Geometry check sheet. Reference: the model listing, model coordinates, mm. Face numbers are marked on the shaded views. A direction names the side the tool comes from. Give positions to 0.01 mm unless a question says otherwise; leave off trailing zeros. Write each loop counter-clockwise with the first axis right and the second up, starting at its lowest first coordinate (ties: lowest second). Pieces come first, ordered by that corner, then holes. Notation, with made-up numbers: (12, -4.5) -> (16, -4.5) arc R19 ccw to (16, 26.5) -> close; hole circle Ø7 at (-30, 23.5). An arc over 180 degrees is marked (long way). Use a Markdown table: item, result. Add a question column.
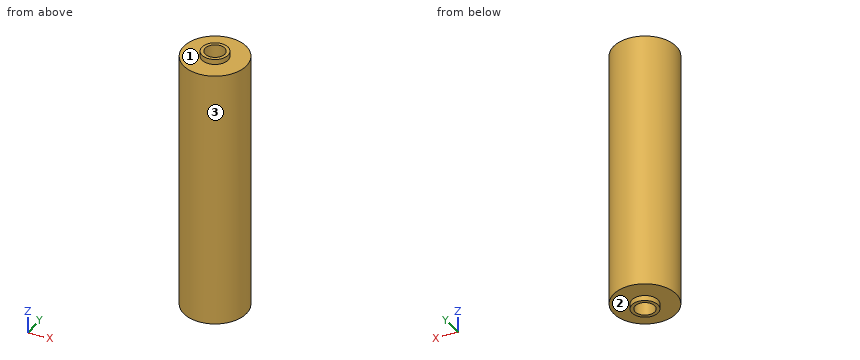
from build123d import *

# Parameters (mm, degrees)
SKETCH_1_R          = 120
EXTRUDE_1_DEPTH     = 1000
SKETCH_2_R          = 37.5
CUT_EXTRUDE_1_DEPTH = 1000
EXTRUDE_START       = 20
SKETCH_3_R          = 50
SKETCH_3_R_2        = 37.5
EXTRUDE_2_DEPTH     = 20


with BuildPart() as part:
    # 草图1 → 凸台-拉伸1 (new body)
    with BuildSketch(Plane.XY):
        Circle(SKETCH_1_R)
    extrude(amount=EXTRUDE_1_DEPTH)

    # 草图2 → 切除-拉伸1 (cut)
    with BuildSketch(Plane.XY.offset(1000)):
        Circle(SKETCH_2_R)
    extrude(amount=-CUT_EXTRUDE_1_DEPTH, mode=Mode.SUBTRACT)

    # 草图3 → 凸台-拉伸2 (add)
    with BuildSketch(Plane.XY.offset(1000).offset(EXTRUDE_START)):
        Circle(SKETCH_3_R)
        Circle(SKETCH_3_R_2, mode=Mode.SUBTRACT)
    extrude_2 = extrude(amount=-EXTRUDE_2_DEPTH)

    # 镜向1: 凸台-拉伸2 across plane
    add(extrude_2.mirror(Plane.XY.offset(500)))


solid = part.part
1) Sectioned sample at D-D, the plane y = 71. Enter the section's corners in (x, z), and give its area (3 significant figures).
2) Sectioned sample at C-C, the plane z = 709. Enter the section's corners in (x, y).
3) Tool access check on the marked faces 1, 2 and 3. Record the directions out of +Z, -Z, +X, -X, +Y, -Y that give a thin tool (end or side, any length) a straight path to the whole face; none if there is none.
4) Sectioned sample at A-A, the plane x = 0. Enter the section's corners in (y, z), and give its area (3 significant figures).
5) Gauge pin test, flat ends, axial feed: P1, Ø8, axis at x = 80.5, z = 148, coming from the +Y side; P2, Ø1, axis at x = 65.5, z = 460, coming from the -Y side; P3, Ø12, axis at x = -15.5, z = 143.5, coming from the -Y side. Record the tip position at first contact, or that the pin passes through.
6) Material ranges on probe 1 along Y at (x, z) = (0, 402.5); probe 2 along Y at (x, z) = (2, 289); probe 3 along Z at (x, y) = (44.5, 95.5), recorded low to high. Write a range as [from, to].
Check values:
| question | item | result |
|---|---|---|
| 1 | outline | (-96.74, 0) -> (96.74, 0) -> (96.74, 1000) -> (-96.74, 1000) -> close |
| 1 | area | 193,000 mm² |
| 2 | outline | circle Ø240 at (0, 0); hole circle Ø75 at (0, 0) |
| 3 | face 1 | +Z |
| 3 | face 2 | -Z |
| 3 | face 3 | +Z, -Z |
| 4 | outline | (-120, 0) -> (-50, 0) -> (-50, -20) -> (-37.5, -20) -> (-37.5, 1020) -> (-50, 1020) -> (-50, 1000) -> (-120, 1000) -> close; (37.5, -20) -> (50, -20) -> (50, 0) -> (120, 0) -> (120, 1000) -> (50, 1000) -> (50, 1020) -> (37.5, 1020) -> close |
| 4 | area | 166,000 mm² |
| 5 | P1 | y = 92.45 |
| 5 | P2 | y = -100.87 |
| 5 | P3 | y = -119.62 |
| 6 | probe 1 | [-120, -37.5], [37.5, 120] |
| 6 | probe 2 | [-119.98, -37.45], [37.45, 119.98] |
| 6 | probe 3 | [0, 1000] |

====

* Problem *
After locating the line with "Circle(SKETCH_1_R)" in the material above, return it and each line after it exactly, ending at the line with "face 1 | +Z |".

* Response *
        Circle(SKETCH_1_R)
    extrude(amount=EXTRUDE_1_DEPTH)

    # 草图2 → 切除-拉伸1 (cut)
    with BuildSketch(Plane.XY.offset(1000)):
        Circle(SKETCH_2_R)
    extrude(amount=-CUT_EXTRUDE_1_DEPTH, mode=Mode.SUBTRACT)

    # 草图3 → 凸台-拉伸2 (add)
    with BuildSketch(Plane.XY.offset(1000).offset(EXTRUDE_START)):
        Circle(SKETCH_3_R)
        Circle(SKETCH_3_R_2, mode=Mode.SUBTRACT)
    extrude_2 = extrude(amount=-EXTRUDE_2_DEPTH)

    # 镜向1: 凸台-拉伸2 across plane
    add(extrude_2.mirror(Plane.XY.offset(500)))


solid = part.part
1) Sectioned sample at D-D, the plane y = 71. Enter the section's corners in (x, z), and give its area (3 significant figures).
2) Sectioned sample at C-C, the plane z = 709. Enter the section's corners in (x, y).
3) Tool access check on the marked faces 1, 2 and 3. Record the directions out of +Z, -Z, +X, -X, +Y, -Y that give a thin tool (end or side, any length) a straight path to the whole face; none if there is none.
4) Sectioned sample at A-A, the plane x = 0. Enter the section's corners in (y, z), and give its area (3 significant figures).
5) Gauge pin test, flat ends, axial feed: P1, Ø8, axis at x = 80.5, z = 148, coming from the +Y side; P2, Ø1, axis at x = 65.5, z = 460, coming from the -Y side; P3, Ø12, axis at x = -15.5, z = 143.5, coming from the -Y side. Record the tip position at first contact, or that the pin passes through.
6) Material ranges on probe 1 along Y at (x, z) = (0, 402.5); probe 2 along Y at (x, z) = (2, 289); probe 3 along Z at (x, y) = (44.5, 95.5), recorded low to high. Write a range as [from, to].
Check values:
| question | item | result |
|---|---|---|
| 1 | outline | (-96.74, 0) -> (96.74, 0) -> (96.74, 1000) -> (-96.74, 1000) -> close |
| 1 | area | 193,000 mm² |
| 2 | outline | circle Ø240 at (0, 0); hole circle Ø75 at (0, 0) |
| 3 | face 1 | +Z |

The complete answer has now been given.